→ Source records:
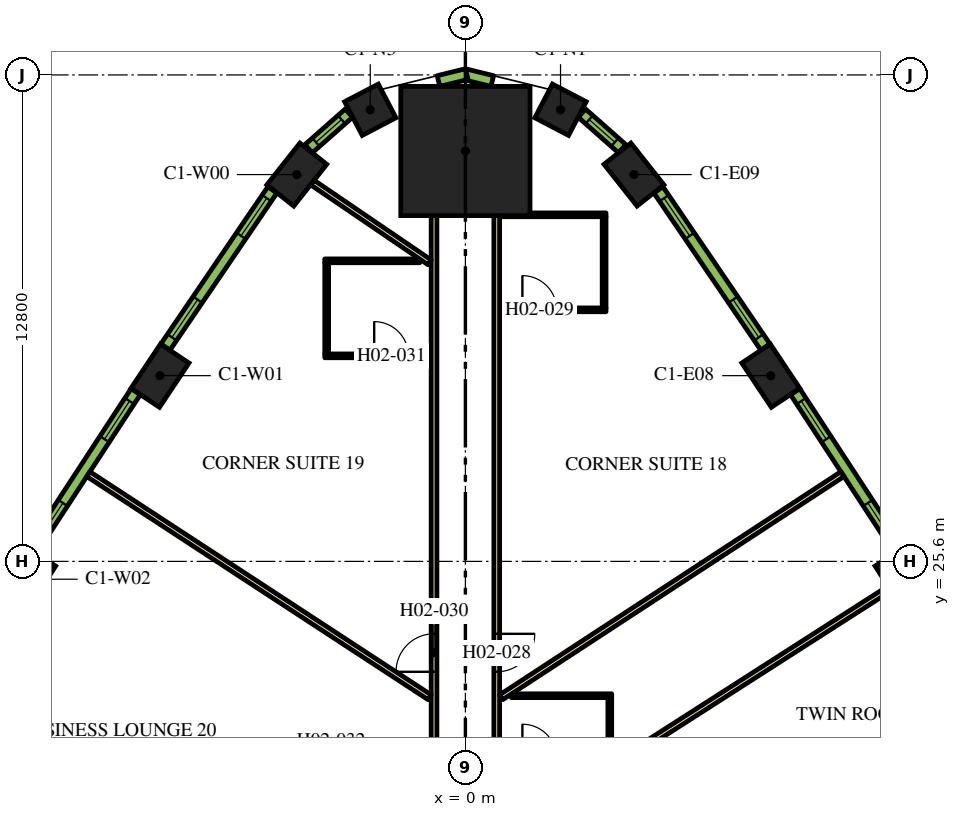
"""IFC4 building model, lengths in metres.
Left out: names, types, materials, properties, quantities, classifications, styles, units other than length and angle.
Written with IfcOpenShell. Run it as: python <this file> out.ifc"""

import sys

from ifc_helpers import new_model, si_unit, direction, frame, frame_2d, origin, origin_2d, place, context, subcontext, project, spatial, rectangle, extrude, element, fill, save


model = new_model("IFC4")
c1 = context("Model", 3, precision=1e-05, world=origin(), true_north=direction((0.0, 1.0)))
c2 = subcontext(c1, "Body", "Model", "MODEL_VIEW")
j1 = project(units=[si_unit("LENGTHUNIT", "METRE"), si_unit("PLANEANGLEUNIT", "RADIAN")], contexts=[c1])
p1 = place(None, origin())
s1 = spatial("IfcSite", under=j1, at=p1, CompositionType="ELEMENT")
p2 = place(p1, origin())
s2 = spatial("IfcBuilding", under=s1, at=p2, CompositionType="ELEMENT")
p3 = place(p2, frame((0.0, 0.0, 43.2)))
s3 = spatial("IfcBuildingStorey", under=s2, at=p3, CompositionType="ELEMENT", Elevation=43.2)
p4 = place(p3, frame((0.0, 36.399, 0.0), z_axis=(0.0, 0.0, 1.0), x_axis=(0.0, 1.0, 0.0)))
e1 = element("IfcColumn", 1, at=p4, inside=s3, PredefinedType="COLUMN", context=c2, shape_type="SweptSolid", body=[
    extrude(rectangle(XDim=3.4, YDim=3.4, at=origin_2d()), origin(), (0.0, 0.0, 1.0), 3.9),
])
for number, where, z_axis, x_axis in (
    (2, (11.539, 25.131, 0.0), (0.0, 0.0, 1.0), (-0.539, 0.842, 0.0)),
    (3, (8.037, 30.487, 0.0), (0.0, 0.0, 1.0), (-0.555, 0.832, 0.0)),
    (4, (4.436, 35.778, 0.0), (0.0, 0.0, 1.0), (-0.62, 0.784, 0.0)),
):
    element("IfcColumn", number, at=place(p3, frame(where, z_axis=z_axis, x_axis=x_axis)), inside=s3, PredefinedType="COLUMN", context=c2, shape_type="SweptSolid", body=[
        extrude(rectangle(XDim=1.4, YDim=0.9, at=origin_2d()), origin(), (0.0, 0.0, 1.0), 3.9),
    ])
for number, where, z_axis, x_axis in (
    (5, (2.503, 37.484, 0.0), (0.0, 0.0, 1.0), (-0.886, 0.464, 0.0)),
    (6, (-2.503, 37.484, 0.0), (0.0, 0.0, 1.0), (-0.886, -0.464, 0.0)),
):
    element("IfcColumn", number, at=place(p3, frame(where, z_axis=z_axis, x_axis=x_axis)), inside=s3, PredefinedType="COLUMN", context=c2, shape_type="SweptSolid", body=[
        extrude(rectangle(XDim=1.0, YDim=1.0, at=origin_2d()), origin(), (0.0, 0.0, 1.0), 3.9),
    ])
for number, where, z_axis, x_axis in (
    (7, (-4.436, 35.778, 0.0), (0.0, 0.0, 1.0), (-0.62, -0.784, 0.0)),
    (8, (-8.037, 30.487, 0.0), (0.0, 0.0, 1.0), (-0.555, -0.832, 0.0)),
    (9, (-11.539, 25.131, 0.0), (0.0, 0.0, 1.0), (-0.539, -0.842, 0.0)),
):
    element("IfcColumn", number, at=place(p3, frame(where, z_axis=z_axis, x_axis=x_axis)), inside=s3, PredefinedType="COLUMN", context=c2, shape_type="SweptSolid", body=[
        extrude(rectangle(XDim=1.4, YDim=0.9, at=origin_2d()), origin(), (0.0, 0.0, 1.0), 3.9),
    ])
p5 = place(p3, frame((0.825, 34.699, 0.0), z_axis=(0.0, 0.0, 1.0), x_axis=(0.0, -1.0, 0.0)))
e10 = element("IfcWall", 10, at=p5, inside=s3, PredefinedType="PARTITIONING", context=c2, shape_type="SweptSolid", body=[
    extrude(rectangle(XDim=16.144, YDim=0.15, at=frame_2d((8.072, 0.0))), origin(), (0.0, 0.0, 1.0), 2.75),
])
p6 = place(p5, frame((14.714, 0.0, 0.0)))
e11 = element("IfcOpeningElement", 11, at=p6, cuts=e10, PredefinedType="OPENING", context=c2, shape_type="SweptSolid", body=[
    extrude(rectangle(XDim=1.0, YDim=2.1, at=frame_2d((0.5, 1.05))), frame((0.0, 0.085, 0.0), z_axis=(0.0, -1.0, 0.0), x_axis=(1.0, 0.0, 0.0)), (0.0, 0.0, 1.0), 0.17),
])
p7 = place(p5, frame((11.005, 0.0, 0.0)))
e12 = element("IfcOpeningElement", 12, at=p7, cuts=e10, PredefinedType="OPENING", context=c2, shape_type="SweptSolid", body=[
    extrude(rectangle(XDim=1.0, YDim=2.1, at=frame_2d((0.5, 1.05))), frame((0.0, 0.085, 0.0), z_axis=(0.0, -1.0, 0.0), x_axis=(1.0, 0.0, 0.0)), (0.0, 0.0, 1.0), 0.17),
])
p8 = place(p3, frame((-0.825, 18.475, 0.0), z_axis=(0.0, 0.0, 1.0), x_axis=(0.0, 1.0, 0.0)))
e13 = element("IfcWall", 13, at=p8, inside=s3, PredefinedType="PARTITIONING", context=c2, shape_type="SweptSolid", body=[
    extrude(rectangle(XDim=16.224, YDim=0.15, at=frame_2d((8.112, 0.0))), origin(), (0.0, 0.0, 1.0), 2.75),
])
p9 = place(p8, frame((4.22, 0.0, 0.0)))
e14 = element("IfcOpeningElement", 14, at=p9, cuts=e13, PredefinedType="OPENING", context=c2, shape_type="SweptSolid", body=[
    extrude(rectangle(XDim=1.0, YDim=2.1, at=frame_2d((0.5, 1.05))), frame((0.0, 0.085, 0.0), z_axis=(0.0, -1.0, 0.0), x_axis=(1.0, 0.0, 0.0)), (0.0, 0.0, 1.0), 0.17),
])
p10 = place(p3, frame((-9.922, 27.896, 0.0), z_axis=(0.0, 0.0, 1.0), x_axis=(0.836970816595, -0.547247523675, 0.0)))
e15 = element("IfcWall", 15, at=p10, inside=s3, PredefinedType="PARTITIONING", context=c2, shape_type="SweptSolid", body=[
    extrude(rectangle(XDim=10.729, YDim=0.15, at=frame_2d((5.364, 0.0))), origin(), (0.0, 0.0, 1.0), 2.75),
])
p11 = place(p3, frame((-4.028, 35.569, 0.0), z_axis=(0.0, 0.0, 1.0), x_axis=(0.826730622998, -0.562597971021, 0.0)))
e16 = element("IfcWall", 16, at=p11, inside=s3, PredefinedType="PARTITIONING", context=c2, shape_type="SweptSolid", body=[
    extrude(rectangle(XDim=3.733, YDim=0.15, at=frame_2d((1.867, 0.0))), origin(), (0.0, 0.0, 1.0), 2.75),
])
p12 = place(p3, frame((9.922, 27.896, 0.0), z_axis=(0.0, 0.0, 1.0), x_axis=(-0.836970816595, -0.547247523675, 0.0)))
e17 = element("IfcWall", 17, at=p12, inside=s3, PredefinedType="PARTITIONING", context=c2, shape_type="SweptSolid", body=[
    extrude(rectangle(XDim=10.729, YDim=0.15, at=frame_2d((5.364, 0.0))), origin(), (0.0, 0.0, 1.0), 2.75),
])
p13 = place(p3, frame((11.16, 24.888, 0.0), z_axis=(0.0, 0.0, 1.0), x_axis=(-0.84199813156, -0.539480441211, 0.0)))
e18 = element("IfcWall", 18, at=p13, inside=s3, PredefinedType="PARTITIONING", context=c2, shape_type="SweptSolid", body=[
    extrude(rectangle(XDim=11.638, YDim=0.15, at=frame_2d((5.819, 0.0))), origin(), (0.0, 0.0, 1.0), 2.75),
])
p14 = place(p3, frame((3.8, 20.466, 0.0), z_axis=(0.0, 0.0, 1.0), x_axis=(0.0, 1.0, 0.0)))
e19 = element("IfcWall", 19, at=p14, inside=s3, PredefinedType="PARTITIONING", context=c2, shape_type="SweptSolid", body=[
    extrude(rectangle(XDim=1.55, YDim=0.1, at=frame_2d((0.775, 0.0))), origin(), (0.0, 0.0, 1.0), 2.75),
])
p15 = place(p3, frame((1.21, 22.066, 0.0), z_axis=(0.0, 0.0, 1.0), x_axis=(1.0, 0.0, 0.0)))
e20 = element("IfcWall", 20, at=p15, inside=s3, PredefinedType="PARTITIONING", context=c2, shape_type="SweptSolid", body=[
    extrude(rectangle(XDim=2.64, YDim=0.1, at=frame_2d((1.32, 0.0))), origin(), (0.0, 0.0, 1.0), 2.75),
])
p16 = place(p3, frame((0.9, 32.219, 0.0), z_axis=(0.0, 0.0, 1.0), x_axis=(1.0, 0.0, 0.0)))
e21 = element("IfcWall", 21, at=p16, inside=s3, PredefinedType="PARTITIONING", context=c2, shape_type="SweptSolid", body=[
    extrude(rectangle(XDim=2.8, YDim=0.1, at=frame_2d((1.4, 0.0))), origin(), (0.0, 0.0, 1.0), 2.75),
])
p17 = place(p16, frame((0.6, 0.0, 0.0)))
e22 = element("IfcOpeningElement", 22, at=p17, cuts=e21, PredefinedType="OPENING", context=c2, shape_type="SweptSolid", body=[
    extrude(rectangle(XDim=0.9, YDim=2.1, at=frame_2d((0.45, 1.05))), frame((0.0, 0.06, 0.0), z_axis=(0.0, -1.0, 0.0), x_axis=(1.0, 0.0, 0.0)), (0.0, 0.0, 1.0), 0.12),
])
p18 = place(p3, frame((3.65, 32.269, 0.0), z_axis=(0.0, 0.0, 1.0), x_axis=(0.0, 1.0, 0.0)))
e23 = element("IfcWall", 23, at=p18, inside=s3, PredefinedType="PARTITIONING", context=c2, shape_type="SweptSolid", body=[
    extrude(rectangle(XDim=2.4, YDim=0.1, at=frame_2d((1.2, 0.0))), origin(), (0.0, 0.0, 1.0), 2.75),
])
p19 = place(p3, frame((0.9, 34.719, 0.0), z_axis=(0.0, 0.0, 1.0), x_axis=(1.0, 0.0, 0.0)))
e24 = element("IfcWall", 24, at=p19, inside=s3, PredefinedType="PARTITIONING", context=c2, shape_type="SweptSolid", body=[
    extrude(rectangle(XDim=2.8, YDim=0.1, at=frame_2d((1.4, 0.0))), origin(), (0.0, 0.0, 1.0), 2.75),
])
p20 = place(p3, frame((-3.7, 31.009, 0.0), z_axis=(0.0, 0.0, 1.0), x_axis=(1.0, 0.0, 0.0)))
e25 = element("IfcWall", 25, at=p20, inside=s3, PredefinedType="PARTITIONING", context=c2, shape_type="SweptSolid", body=[
    extrude(rectangle(XDim=2.8, YDim=0.1, at=frame_2d((1.4, 0.0))), origin(), (0.0, 0.0, 1.0), 2.75),
])
p21 = place(p20, frame((1.3, 0.0, 0.0)))
e26 = element("IfcOpeningElement", 26, at=p21, cuts=e25, PredefinedType="OPENING", context=c2, shape_type="SweptSolid", body=[
    extrude(rectangle(XDim=0.9, YDim=2.1, at=frame_2d((0.45, 1.05))), frame((0.0, 0.06, 0.0), z_axis=(0.0, -1.0, 0.0), x_axis=(1.0, 0.0, 0.0)), (0.0, 0.0, 1.0), 0.12),
])
p22 = place(p3, frame((-3.65, 31.059, 0.0), z_axis=(0.0, 0.0, 1.0), x_axis=(0.0, 1.0, 0.0)))
e27 = element("IfcWall", 27, at=p22, inside=s3, PredefinedType="PARTITIONING", context=c2, shape_type="SweptSolid", body=[
    extrude(rectangle(XDim=2.4, YDim=0.1, at=frame_2d((1.2, 0.0))), origin(), (0.0, 0.0, 1.0), 2.75),
])
p23 = place(p3, frame((-1.2, 33.509, 0.0), z_axis=(0.0, 0.0, 1.0), x_axis=(-1.0, 0.0, 0.0)))
e28 = element("IfcWall", 28, at=p23, inside=s3, PredefinedType="PARTITIONING", context=c2, shape_type="SweptSolid", body=[
    extrude(rectangle(XDim=2.5, YDim=0.1, at=frame_2d((1.25, 0.0))), origin(), (0.0, 0.0, 1.0), 2.75),
])
p24 = place(p3, frame((11.411, 25.884, 0.0), z_axis=(0.0, 0.0, 1.0), x_axis=(-0.547204617628, 0.836998868845, 0.0)))
e29 = element("IfcWall", 29, at=p24, inside=s3, PredefinedType="SOLIDWALL", context=c2, shape_type="SweptSolid", body=[
    extrude(rectangle(XDim=4.998, YDim=0.29, at=frame_2d((2.499, 0.0))), origin(), (0.0, 0.0, 1.0), 3.65),
])
p25 = place(p24, frame((0.297, 0.0, 0.9)))
e30 = element("IfcOpeningElement", 30, at=p25, cuts=e29, PredefinedType="OPENING", context=c2, shape_type="SweptSolid", body=[
    extrude(rectangle(XDim=1.2, YDim=2.15, at=frame_2d((0.6, 1.075))), frame((0.0, 0.155, 0.0), z_axis=(0.0, -1.0, 0.0), x_axis=(1.0, 0.0, 0.0)), (0.0, 0.0, 1.0), 0.31),
])
p26 = place(p24, frame((3.501, 0.0, 0.9)))
e31 = element("IfcOpeningElement", 31, at=p26, cuts=e29, PredefinedType="OPENING", context=c2, shape_type="SweptSolid", body=[
    extrude(rectangle(XDim=1.2, YDim=2.15, at=frame_2d((0.6, 1.075))), frame((0.0, 0.155, 0.0), z_axis=(0.0, -1.0, 0.0), x_axis=(1.0, 0.0, 0.0)), (0.0, 0.0, 1.0), 0.31),
])
p27 = place(p3, frame((7.895, 31.238, 0.0), z_axis=(0.0, 0.0, 1.0), x_axis=(-0.562610153679, 0.826722332454, 0.0)))
e32 = element("IfcWall", 32, at=p27, inside=s3, PredefinedType="SOLIDWALL", context=c2, shape_type="SweptSolid", body=[
    extrude(rectangle(XDim=5.006, YDim=0.29, at=frame_2d((2.503, 0.0))), origin(), (0.0, 0.0, 1.0), 3.65),
])
p28 = place(p27, frame((0.31, 0.0, 0.9)))
e33 = element("IfcOpeningElement", 33, at=p28, cuts=e32, PredefinedType="OPENING", context=c2, shape_type="SweptSolid", body=[
    extrude(rectangle(XDim=1.2, YDim=2.15, at=frame_2d((0.6, 1.075))), frame((0.0, 0.155, 0.0), z_axis=(0.0, -1.0, 0.0), x_axis=(1.0, 0.0, 0.0)), (0.0, 0.0, 1.0), 0.31),
])
p29 = place(p27, frame((3.541, 0.0, 0.9)))
e34 = element("IfcOpeningElement", 34, at=p29, cuts=e32, PredefinedType="OPENING", context=c2, shape_type="SweptSolid", body=[
    extrude(rectangle(XDim=1.2, YDim=2.15, at=frame_2d((0.6, 1.075))), frame((0.0, 0.155, 0.0), z_axis=(0.0, -1.0, 0.0), x_axis=(1.0, 0.0, 0.0)), (0.0, 0.0, 1.0), 0.31),
])
p30 = place(p3, frame((4.125, 36.459, 0.0), z_axis=(0.0, 0.0, 1.0), x_axis=(-0.749812680302, 0.661650167731, 0.0)))
e35 = element("IfcWall", 35, at=p30, inside=s3, PredefinedType="SOLIDWALL", context=c2, shape_type="SweptSolid", body=[
    extrude(rectangle(XDim=1.415, YDim=0.29, at=frame_2d((0.708, 0.0))), origin(), (0.0, 0.0, 1.0), 3.65),
])
p31 = place(p30, frame((0.258, 0.0, 0.9)))
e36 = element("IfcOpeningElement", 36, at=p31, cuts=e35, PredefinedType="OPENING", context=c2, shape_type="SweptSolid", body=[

→ The problem: Give again, exactly, the lines starting at the first entry above and ending at the line with "from ifc_helpers import"; please leave pictures out.

→ Solution for this exercise:
"""IFC4 building model, lengths in metres.
Left out: names, types, materials, properties, quantities, classifications, styles, units other than length and angle.
Written with IfcOpenShell. Run it as: python <this file> out.ifc"""

import sys

from ifc_helpers import new_model, si_unit, direction, frame, frame_2d, origin, origin_2d, place, context, subcontext, project, spatial, rectangle, extrude, element, fill, save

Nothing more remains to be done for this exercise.